▶ [WORK ORDER]: Go through the lines below and copy any that hold the string "under".

(MATERIAL SUPPLIED begins)

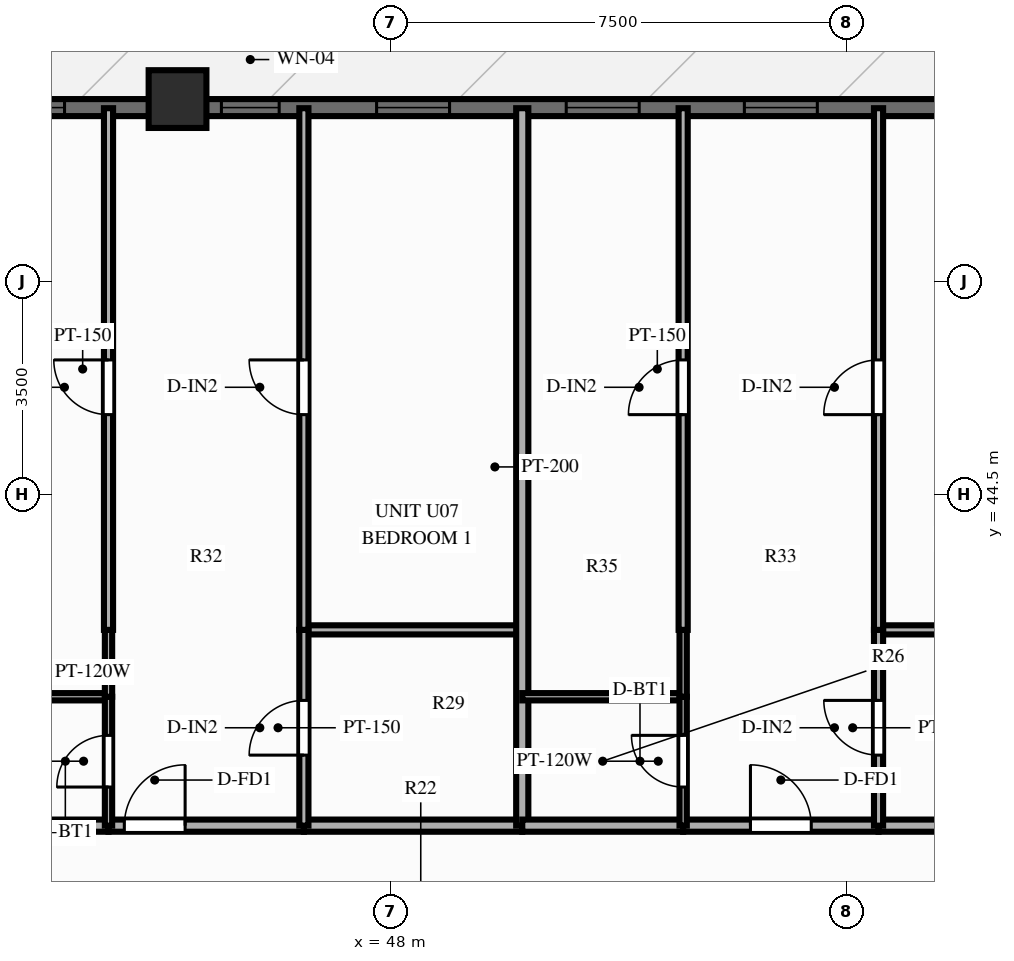
"""IFC4 building model, lengths in metres.
Left out: names, types, materials, properties, quantities, classifications, styles, units other than length and angle.
Written with IfcOpenShell. Run it as: python <this file> out.ifc"""

import sys

from ifc_helpers import new_model, si_unit, direction, frame, frame_2d, origin, origin_2d, place, context, subcontext, project, spatial, rectangle, extrude, source, transform, mapped, element, fill, save


model = new_model("IFC4")
c1 = context("Model", 3, precision=1e-05, world=origin(), true_north=direction((0.0, 1.0)))
c2 = subcontext(c1, "Body", "Model", "MODEL_VIEW")
j1 = project(units=[si_unit("LENGTHUNIT", "METRE"), si_unit("PLANEANGLEUNIT", "RADIAN")], contexts=[c1])
p1 = place(None, origin())
s1 = spatial("IfcSite", under=j1, at=p1, CompositionType="ELEMENT")
p2 = place(p1, origin())
s2 = spatial("IfcBuilding", under=s1, at=p2, CompositionType="ELEMENT")
p3 = place(p2, frame((0.0, 0.0, 86.85)))
s3 = spatial("IfcBuildingStorey", under=s2, at=p3, CompositionType="ELEMENT", Elevation=86.85)
m1 = source(origin(), c2, "Body", "SweptSolid", [
    extrude(rectangle(XDim=0.95, YDim=0.95, at=origin_2d()), origin(), (0.0, 0.0, 1.0), 3.0),
])
p4 = place(p3, frame((44.5, 51.0, 0.0), z_axis=(0.0, 0.0, 1.0), x_axis=(1.0, 0.0, 0.0)))
e1 = element("IfcColumn", 1, at=p4, inside=s3, PredefinedType="COLUMN", context=c2, shape_type="MappedRepresentation", body=[
    mapped(m1, transform((0.0, 0.0, 0.0), scale=1.0)),
])
p5 = place(p3, frame((16.2, 50.86, 0.0), z_axis=(0.0, 0.0, 1.0), x_axis=(1.0, 0.0, 0.0)))
e2 = element("IfcWall", 2, at=p5, inside=s3, PredefinedType="SOLIDWALL", context=c2, shape_type="SweptSolid", body=[
    extrude(rectangle(XDim=43.6, YDim=0.28, at=frame_2d((21.8, 0.0))), origin(), (0.0, 0.0, 1.0), 2.28),
])
p6 = place(p5, frame((0.722, 0.0, 0.25)))
e3 = element("IfcOpeningElement", 3, at=p6, cuts=e2, PredefinedType="OPENING", context=c2, shape_type="SweptSolid", body=[
    extrude(rectangle(XDim=1.2, YDim=1.5, at=frame_2d((0.6, 0.75))), frame((0.0, 0.152, 0.0), z_axis=(0.0, -1.0, 0.0), x_axis=(1.0, 0.0, 0.0)), (0.0, 0.0, 1.0), 0.304),
])
p7 = place(p5, frame((3.172, 0.0, 0.25)))
e4 = element("IfcOpeningElement", 4, at=p7, cuts=e2, PredefinedType="OPENING", context=c2, shape_type="SweptSolid", body=[
    extrude(rectangle(XDim=1.2, YDim=1.5, at=frame_2d((0.6, 0.75))), frame((0.0, 0.152, 0.0), z_axis=(0.0, -1.0, 0.0), x_axis=(1.0, 0.0, 0.0)), (0.0, 0.0, 1.0), 0.304),
])
p8 = place(p5, frame((6.944, 0.0, 0.25)))
e5 = element("IfcOpeningElement", 5, at=p8, cuts=e2, PredefinedType="OPENING", context=c2, shape_type="SweptSolid", body=[
    extrude(rectangle(XDim=1.2, YDim=1.5, at=frame_2d((0.6, 0.75))), frame((0.0, 0.152, 0.0), z_axis=(0.0, -1.0, 0.0), x_axis=(1.0, 0.0, 0.0)), (0.0, 0.0, 1.0), 0.304),
])
p9 = place(p5, frame((11.049, 0.0, 0.25)))
e6 = element("IfcOpeningElement", 6, at=p9, cuts=e2, PredefinedType="OPENING", context=c2, shape_type="SweptSolid", body=[
    extrude(rectangle(XDim=1.2, YDim=1.5, at=frame_2d((0.6, 0.75))), frame((0.0, 0.152, 0.0), z_axis=(0.0, -1.0, 0.0), x_axis=(1.0, 0.0, 0.0)), (0.0, 0.0, 1.0), 0.304),
])
p10 = place(p5, frame((13.73, 0.0, 0.25)))
e7 = element("IfcOpeningElement", 7, at=p10, cuts=e2, PredefinedType="OPENING", context=c2, shape_type="SweptSolid", body=[
    extrude(rectangle(XDim=0.95, YDim=1.5, at=frame_2d((0.475, 0.75))), frame((0.0, 0.152, 0.0), z_axis=(0.0, -1.0, 0.0), x_axis=(1.0, 0.0, 0.0)), (0.0, 0.0, 1.0), 0.304),
])
p11 = place(p5, frame((18.089, 0.0, 0.0)))
e8 = element("IfcOpeningElement", 8, at=p11, cuts=e2, PredefinedType="OPENING", context=c2, shape_type="SweptSolid", body=[
    extrude(rectangle(XDim=1.1, YDim=2.15, at=frame_2d((0.55, 1.075))), frame((0.0, 0.152, 0.0), z_axis=(0.0, -1.0, 0.0), x_axis=(1.0, 0.0, 0.0)), (0.0, 0.0, 1.0), 0.304),
])
p12 = place(p5, frame((22.144, 0.0, 0.25)))
e9 = element("IfcOpeningElement", 9, at=p12, cuts=e2, PredefinedType="OPENING", context=c2, shape_type="SweptSolid", body=[
    extrude(rectangle(XDim=1.2, YDim=1.5, at=frame_2d((0.6, 0.75))), frame((0.0, 0.152, 0.0), z_axis=(0.0, -1.0, 0.0), x_axis=(1.0, 0.0, 0.0)), (0.0, 0.0, 1.0), 0.304),
])
p13 = place(p5, frame((25.242, 0.0, 0.25)))
e10 = element("IfcOpeningElement", 10, at=p13, cuts=e2, PredefinedType="OPENING", context=c2, shape_type="SweptSolid", body=[
    extrude(rectangle(XDim=1.2, YDim=1.5, at=frame_2d((0.6, 0.75))), frame((0.0, 0.152, 0.0), z_axis=(0.0, -1.0, 0.0), x_axis=(1.0, 0.0, 0.0)), (0.0, 0.0, 1.0), 0.304),
])
p14 = place(p5, frame((29.021, 0.0, 0.25)))
e11 = element("IfcOpeningElement", 11, at=p14, cuts=e2, PredefinedType="OPENING", context=c2, shape_type="SweptSolid", body=[
    extrude(rectangle(XDim=0.95, YDim=1.5, at=frame_2d((0.475, 0.75))), frame((0.0, 0.152, 0.0), z_axis=(0.0, -1.0, 0.0), x_axis=(1.0, 0.0, 0.0)), (0.0, 0.0, 1.0), 0.304),
])
p15 = place(p5, frame((31.574, 0.0, 0.25)))
e12 = element("IfcOpeningElement", 12, at=p15, cuts=e2, PredefinedType="OPENING", context=c2, shape_type="SweptSolid", body=[
    extrude(rectangle(XDim=1.2, YDim=1.5, at=frame_2d((0.6, 0.75))), frame((0.0, 0.152, 0.0), z_axis=(0.0, -1.0, 0.0), x_axis=(1.0, 0.0, 0.0)), (0.0, 0.0, 1.0), 0.304),
])
p16 = place(p5, frame((34.692, 0.0, 0.25)))
e13 = element("IfcOpeningElement", 13, at=p16, cuts=e2, PredefinedType="OPENING", context=c2, shape_type="SweptSolid", body=[
    extrude(rectangle(XDim=1.2, YDim=1.5, at=frame_2d((0.6, 0.75))), frame((0.0, 0.152, 0.0), z_axis=(0.0, -1.0, 0.0), x_axis=(1.0, 0.0, 0.0)), (0.0, 0.0, 1.0), 0.304),
])
p17 = place(p5, frame((37.622, 0.0, 0.25)))
e14 = element("IfcOpeningElement", 14, at=p17, cuts=e2, PredefinedType="OPENING", context=c2, shape_type="SweptSolid", body=[
    extrude(rectangle(XDim=1.2, YDim=1.5, at=frame_2d((0.6, 0.75))), frame((0.0, 0.152, 0.0), z_axis=(0.0, -1.0, 0.0), x_axis=(1.0, 0.0, 0.0)), (0.0, 0.0, 1.0), 0.304),
])
p18 = place(p5, frame((40.957, 0.0, 0.25)))
e15 = element("IfcOpeningElement", 15, at=p18, cuts=e2, PredefinedType="OPENING", context=c2, shape_type="SweptSolid", body=[
    extrude(rectangle(XDim=1.2, YDim=1.5, at=frame_2d((0.6, 0.75))), frame((0.0, 0.152, 0.0), z_axis=(0.0, -1.0, 0.0), x_axis=(1.0, 0.0, 0.0)), (0.0, 0.0, 1.0), 0.304),
])
p19 = place(p3, frame((40.719, 39.05, 0.0), z_axis=(0.0, 0.0, 1.0), x_axis=(1.0, 0.0, 0.0)))
e16 = element("IfcWall", 16, at=p19, inside=s3, PredefinedType="PARTITIONING", context=c2, shape_type="SweptSolid", body=[
    extrude(rectangle(XDim=2.646, YDim=0.2, at=frame_2d((1.323, 0.0))), origin(), (0.0, 0.0, 1.0), 2.79),
])
p20 = place(p3, frame((43.365, 39.05, 0.0), z_axis=(0.0, 0.0, 1.0), x_axis=(1.0, 0.0, 0.0)))
e17 = element("IfcWall", 17, at=p20, inside=s3, PredefinedType="PARTITIONING", context=c2, shape_type="SweptSolid", body=[
    extrude(rectangle(XDim=3.213, YDim=0.2, at=frame_2d((1.606, 0.0))), origin(), (0.0, 0.0, 1.0), 2.79),
])
p21 = place(p20, frame((0.26, 0.0, 0.0)))
e18 = element("IfcOpeningElement", 18, at=p21, cuts=e17, PredefinedType="OPENING", context=c2, shape_type="SweptSolid", body=[
    extrude(rectangle(XDim=1.0, YDim=2.15, at=frame_2d((0.5, 1.075))), frame((0.0, 0.112, 0.0), z_axis=(0.0, -1.0, 0.0), x_axis=(1.0, 0.0, 0.0)), (0.0, 0.0, 1.0), 0.224),
])
p22 = place(p3, frame((46.578, 39.05, 0.0), z_axis=(0.0, 0.0, 1.0), x_axis=(1.0, 0.0, 0.0)))
e19 = element("IfcWall", 19, at=p22, inside=s3, PredefinedType="PARTITIONING", context=c2, shape_type="SweptSolid", body=[
    extrude(rectangle(XDim=3.591, YDim=0.2, at=frame_2d((1.796, 0.0))), origin(), (0.0, 0.0, 1.0), 2.79),
])
p23 = place(p3, frame((40.719, 41.17, 0.0), z_axis=(0.0, 0.0, 1.0), x_axis=(1.0, 0.0, 0.0)))
e20 = element("IfcWall", 20, at=p23, inside=s3, PredefinedType="PARTITIONING", context=c2, shape_type="SweptSolid", body=[
    extrude(rectangle(XDim=2.646, YDim=0.12, at=frame_2d((1.323, 0.0))), origin(), (0.0, 0.0, 1.0), 2.79),
])
p24 = place(p3, frame((46.578, 42.27, 0.0), z_axis=(0.0, 0.0, 1.0), x_axis=(1.0, 0.0, 0.0)))
e21 = element("IfcWall", 21, at=p24, inside=s3, PredefinedType="PARTITIONING", context=c2, shape_type="SweptSolid", body=[
    extrude(rectangle(XDim=3.591, YDim=0.15, at=frame_2d((1.796, 0.0))), origin(), (0.0, 0.0, 1.0), 2.79),
])
p25 = place(p3, frame((43.365, 39.05, 0.0), z_axis=(0.0, 0.0, 1.0), x_axis=(0.0, 1.0, 0.0)))
e22 = element("IfcWall", 22, at=p25, inside=s3, PredefinedType="PARTITIONING", context=c2, shape_type="SweptSolid", body=[
    extrude(rectangle(XDim=2.12, YDim=0.12, at=frame_2d((1.06, 0.0))), origin(), (0.0, 0.0, 1.0), 2.79),
])
p26 = place(p25, frame((0.635, 0.0, 0.0)))
e23 = element("IfcOpeningElement", 23, at=p26, cuts=e22, PredefinedType="OPENING", context=c2, shape_type="SweptSolid", body=[
    extrude(rectangle(XDim=0.85, YDim=2.05, at=frame_2d((0.425, 1.025))), frame((0.0, 0.072, 0.0), z_axis=(0.0, -1.0, 0.0), x_axis=(1.0, 0.0, 0.0)), (0.0, 0.0, 1.0), 0.144),
])
p27 = place(p3, frame((43.365, 41.17, 0.0), z_axis=(0.0, 0.0, 1.0), x_axis=(0.0, 1.0, 0.0)))
e24 = element("IfcWall", 24, at=p27, inside=s3, PredefinedType="PARTITIONING", context=c2, shape_type="SweptSolid", body=[
    extrude(rectangle(XDim=1.1, YDim=0.12, at=frame_2d((0.55, 0.0))), origin(), (0.0, 0.0, 1.0), 2.79),
])
p28 = place(p3, frame((43.365, 42.27, 0.0), z_axis=(0.0, 0.0, 1.0), x_axis=(0.0, 1.0, 0.0)))
e25 = element("IfcWall", 25, at=p28, inside=s3, PredefinedType="PARTITIONING", context=c2, shape_type="SweptSolid", body=[
    extrude(rectangle(XDim=8.58, YDim=0.15, at=frame_2d((4.29, 0.0))), origin(), (0.0, 0.0, 1.0), 2.79),
])
p29 = place(p28, frame((3.54, 0.0, 0.0)))
e26 = element("IfcOpeningElement", 26, at=p29, cuts=e25, PredefinedType="OPENING", context=c2, shape_type="SweptSolid", body=[
    extrude(rectangle(XDim=0.9, YDim=2.1, at=frame_2d((0.45, 1.05))), frame((0.0, 0.087, 0.0), z_axis=(0.0, -1.0, 0.0), x_axis=(1.0, 0.0, 0.0)), (0.0, 0.0, 1.0), 0.174),
])
p30 = place(p3, frame((46.578, 39.05, 0.0), z_axis=(0.0, 0.0, 1.0), x_axis=(0.0, 1.0, 0.0)))
e27 = element("IfcWall", 27, at=p30, inside=s3, PredefinedType="PARTITIONING", context=c2, shape_type="SweptSolid", body=[
    extrude(rectangle(XDim=3.22, YDim=0.15, at=frame_2d((1.61, 0.0))), origin(), (0.0, 0.0, 1.0), 2.79),
])
p31 = place(p30, frame((1.16, 0.0, 0.0)))
e28 = element("IfcOpeningElement", 28, at=p31, cuts=e27, PredefinedType="OPENING", context=c2, shape_type="SweptSolid", body=[
    extrude(rectangle(XDim=0.9, YDim=2.1, at=frame_2d((0.45, 1.05))), frame((0.0, 0.087, 0.0), z_axis=(0.0, -1.0, 0.0), x_axis=(1.0, 0.0, 0.0)), (0.0, 0.0, 1.0), 0.174),
])
p32 = place(p3, frame((46.578, 42.27, 0.0), z_axis=(0.0, 0.0, 1.0), x_axis=(0.0, 1.0, 0.0)))
e29 = element("IfcWall", 29, at=p32, inside=s3, PredefinedType="PARTITIONING", context=c2, shape_type="SweptSolid", body=[
    extrude(rectangle(XDim=8.58, YDim=0.15, at=frame_2d((4.29, 0.0))), origin(), (0.0, 0.0, 1.0), 2.79),
])
p33 = place(p32, frame((3.54, 0.0, 0.0)))
e30 = element("IfcOpeningElement", 30, at=p33, cuts=e29, PredefinedType="OPENING", context=c2, shape_type="SweptSolid", body=[
    extrude(rectangle(XDim=0.9, YDim=2.1, at=frame_2d((0.45, 1.05))), frame((0.0, 0.087, 0.0), z_axis=(0.0, -1.0, 0.0), x_axis=(1.0, 0.0, 0.0)), (0.0, 0.0, 1.0), 0.174),
])
p34 = place(p3, frame((50.169, 39.05, 0.0), z_axis=(0.0, 0.0, 1.0), x_axis=(0.0, 1.0, 0.0)))
e31 = element("IfcWall", 31, at=p34, inside=s3, PredefinedType="PARTITIONING", context=c2, shape_type="SweptSolid", body=[
    extrude(rectangle(XDim=11.8, YDim=0.2, at=frame_2d((5.9, 0.0))), origin(), (0.0, 0.0, 1.0), 2.79),
])
p35 = place(p3, frame((50.169, 39.05, 0.0), z_axis=(0.0, 0.0, 1.0), x_axis=(1.0, 0.0, 0.0)))
e32 = element("IfcWall", 32, at=p35, inside=s3, PredefinedType="PARTITIONING", context=c2, shape_type="SweptSolid", body=[
    extrude(rectangle(XDim=2.646, YDim=0.2, at=frame_2d((1.323, 0.0))), origin(), (0.0, 0.0, 1.0), 2.79),
])
p36 = place(p3, frame((52.815, 39.05, 0.0), z_axis=(0.0, 0.0, 1.0), x_axis=(1.0, 0.0, 0.0)))
e33 = element("IfcWall", 33, at=p36, inside=s3, PredefinedType="PARTITIONING", context=c2, shape_type="SweptSolid", body=[
    extrude(rectangle(XDim=3.213, YDim=0.2, at=frame_2d((1.607, 0.0))), origin(), (0.0, 0.0, 1.0), 2.79),
])
p37 = place(p36, frame((1.107, 0.0, 0.0)))
e34 = element("IfcOpeningElement", 34, at=p37, cuts=e33, PredefinedType="OPENING", context=c2, shape_type="SweptSolid", body=[
    extrude(rectangle(XDim=1.0, YDim=2.15, at=frame_2d((0.5, 1.075))), frame((0.0, 0.112, 0.0), z_axis=(0.0, -1.0, 0.0), x_axis=(1.0, 0.0, 0.0)), (0.0, 0.0, 1.0), 0.224),
])
p38 = place(p3, frame((56.029, 39.05, 0.0), z_axis=(0.0, 0.0, 1.0), x_axis=(1.0, 0.0, 0.0)))
e35 = element("IfcWall", 35, at=p38, inside=s3, PredefinedType="PARTITIONING", context=c2, shape_type="SweptSolid", body=[
    extrude(rectangle(XDim=3.591, YDim=0.2, at=frame_2d((1.796, 0.0))), origin(), (0.0, 0.0, 1.0), 2.79),
])
p39 = place(p3, frame((50.169, 41.17, 0.0), z_axis=(0.0, 0.0, 1.0), x_axis=(1.0, 0.0, 0.0)))
e36 = element("IfcWall", 36, at=p39, inside=s3, PredefinedType="PARTITIONING", context=c2, shape_type="SweptSolid", body=[
    extrude(rectangle(XDim=2.646, YDim=0.12, at=frame_2d((1.323, 0.0))), origin(), (0.0, 0.0, 1.0), 2.79),
])
p40 = place(p3, frame((56.029, 42.27, 0.0), z_axis=(0.0, 0.0, 1.0), x_axis=(1.0, 0.0, 0.0)))
e37 = element("IfcWall", 37, at=p40, inside=s3, PredefinedType="PARTITIONING", context=c2, shape_type="SweptSolid", body=[
    extrude(rectangle(XDim=3.591, YDim=0.15, at=frame_2d((1.796, 0.0))), origin(), (0.0, 0.0, 1.0), 2.79),
])
p41 = place(p3, frame((52.815, 39.05, 0.0), z_axis=(0.0, 0.0, 1.0), x_axis=(0.0, 1.0, 0.0)))
e38 = element("IfcWall", 38, at=p41, inside=s3, PredefinedType="PARTITIONING", context=c2, shape_type="SweptSolid", body=[
    extrude(rectangle(XDim=2.12, YDim=0.12, at=frame_2d((1.06, 0.0))), origin(), (0.0, 0.0, 1.0), 2.79),
])
p42 = place(p41, frame((0.635, 0.0, 0.0)))
e39 = element("IfcOpeningElement", 39, at=p42, cuts=e38, PredefinedType="OPENING", context=c2, shape_type="SweptSolid", body=[
    extrude(rectangle(XDim=0.85, YDim=2.05, at=frame_2d((0.425, 1.025))), frame((0.0, 0.072, 0.0), z_axis=(0.0, -1.0, 0.0), x_axis=(1.0, 0.0, 0.0)), (0.0, 0.0, 1.0), 0.144),
])
p43 = place(p3, frame((52.815, 41.17, 0.0), z_axis=(0.0, 0.0, 1.0), x_axis=(0.0, 1.0, 0.0)))
e40 = element("IfcWall", 40, at=p43, inside=s3, PredefinedType="PARTITIONING", context=c2, shape_type="SweptSolid", body=[
    extrude(rectangle(XDim=1.1, YDim=0.12, at=frame_2d((0.55, 0.0))), origin(), (0.0, 0.0, 1.0), 2.79),
])
p44 = place(p3, frame((52.815, 42.27, 0.0), z_axis=(0.0, 0.0, 1.0), x_axis=(0.0, 1.0, 0.0)))
e41 = element("IfcWall", 41, at=p44, inside=s3, PredefinedType="PARTITIONING", context=c2, shape_type="SweptSolid", body=[
    extrude(rectangle(XDim=8.58, YDim=0.15, at=frame_2d((4.29, 0.0))), origin(), (0.0, 0.0, 1.0), 2.79),
])
p45 = place(p44, frame((3.54, 0.0, 0.0)))
e42 = element("IfcOpeningElement", 42, at=p45, cuts=e41, PredefinedType="OPENING", context=c2, shape_type="SweptSolid", body=[
    extrude(rectangle(XDim=0.9, YDim=2.1, at=frame_2d((0.45, 1.05))), frame((0.0, 0.087, 0.0), z_axis=(0.0, -1.0, 0.0), x_axis=(1.0, 0.0, 0.0)), (0.0, 0.0, 1.0), 0.174),
])
p46 = place(p3, frame((56.029, 39.05, 0.0), z_axis=(0.0, 0.0, 1.0), x_axis=(0.0, 1.0, 0.0)))
e43 = element("IfcWall", 43, at=p46, inside=s3, PredefinedType="PARTITIONING", context=c2, shape_type="SweptSolid", body=[
    extrude(rectangle(XDim=3.22, YDim=0.15, at=frame_2d((1.61, 0.0))), origin(), (0.0, 0.0, 1.0), 2.79),
])
p47 = place(p46, frame((1.16, 0.0, 0.0)))
e44 = element("IfcOpeningElement", 44, at=p47, cuts=e43, PredefinedType="OPENING", context=c2, shape_type="SweptSolid", body=[
    extrude(rectangle(XDim=0.9, YDim=2.1, at=frame_2d((0.45, 1.05))), frame((0.0, 0.087, 0.0), z_axis=(0.0, -1.0, 0.0), x_axis=(1.0, 0.0, 0.0)), (0.0, 0.0, 1.0), 0.174),
])
p48 = place(p3, frame((56.029, 42.27, 0.0), z_axis=(0.0, 0.0, 1.0), x_axis=(0.0, 1.0, 0.0)))
e45 = element("IfcWall", 45, at=p48, inside=s3, PredefinedType="PARTITIONING", context=c2, shape_type="SweptSolid", body=[
    extrude(rectangle(XDim=8.58, YDim=0.15, at=frame_2d((4.29, 0.0))), origin(), (0.0, 0.0, 1.0), 2.79),
])
p49 = place(p48, frame((3.54, 0.0, 0.0)))
e46 = element("IfcOpeningElement", 46, at=p49, cuts=e45, PredefinedType="OPENING", context=c2, shape_type="SweptSolid", body=[
    extrude(rectangle(XDim=0.9, YDim=2.1, at=frame_2d((0.45, 1.05))), frame((0.0, 0.087, 0.0), z_axis=(0.0, -1.0, 0.0), x_axis=(1.0, 0.0, 0.0)), (0.0, 0.0, 1.0), 0.174),
])
m2 = source(origin(), c2, "Body", "SweptSolid", [
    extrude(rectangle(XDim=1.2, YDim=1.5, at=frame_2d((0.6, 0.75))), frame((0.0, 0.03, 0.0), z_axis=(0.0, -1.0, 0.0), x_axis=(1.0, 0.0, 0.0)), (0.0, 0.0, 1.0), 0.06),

(MATERIAL SUPPLIED ends)

▶ [TASK SOLUTION]:
s1 = spatial("IfcSite", under=j1, at=p1, CompositionType="ELEMENT")
s2 = spatial("IfcBuilding", under=s1, at=p2, CompositionType="ELEMENT")
s3 = spatial("IfcBuildingStorey", under=s2, at=p3, CompositionType="ELEMENT", Elevation=86.85)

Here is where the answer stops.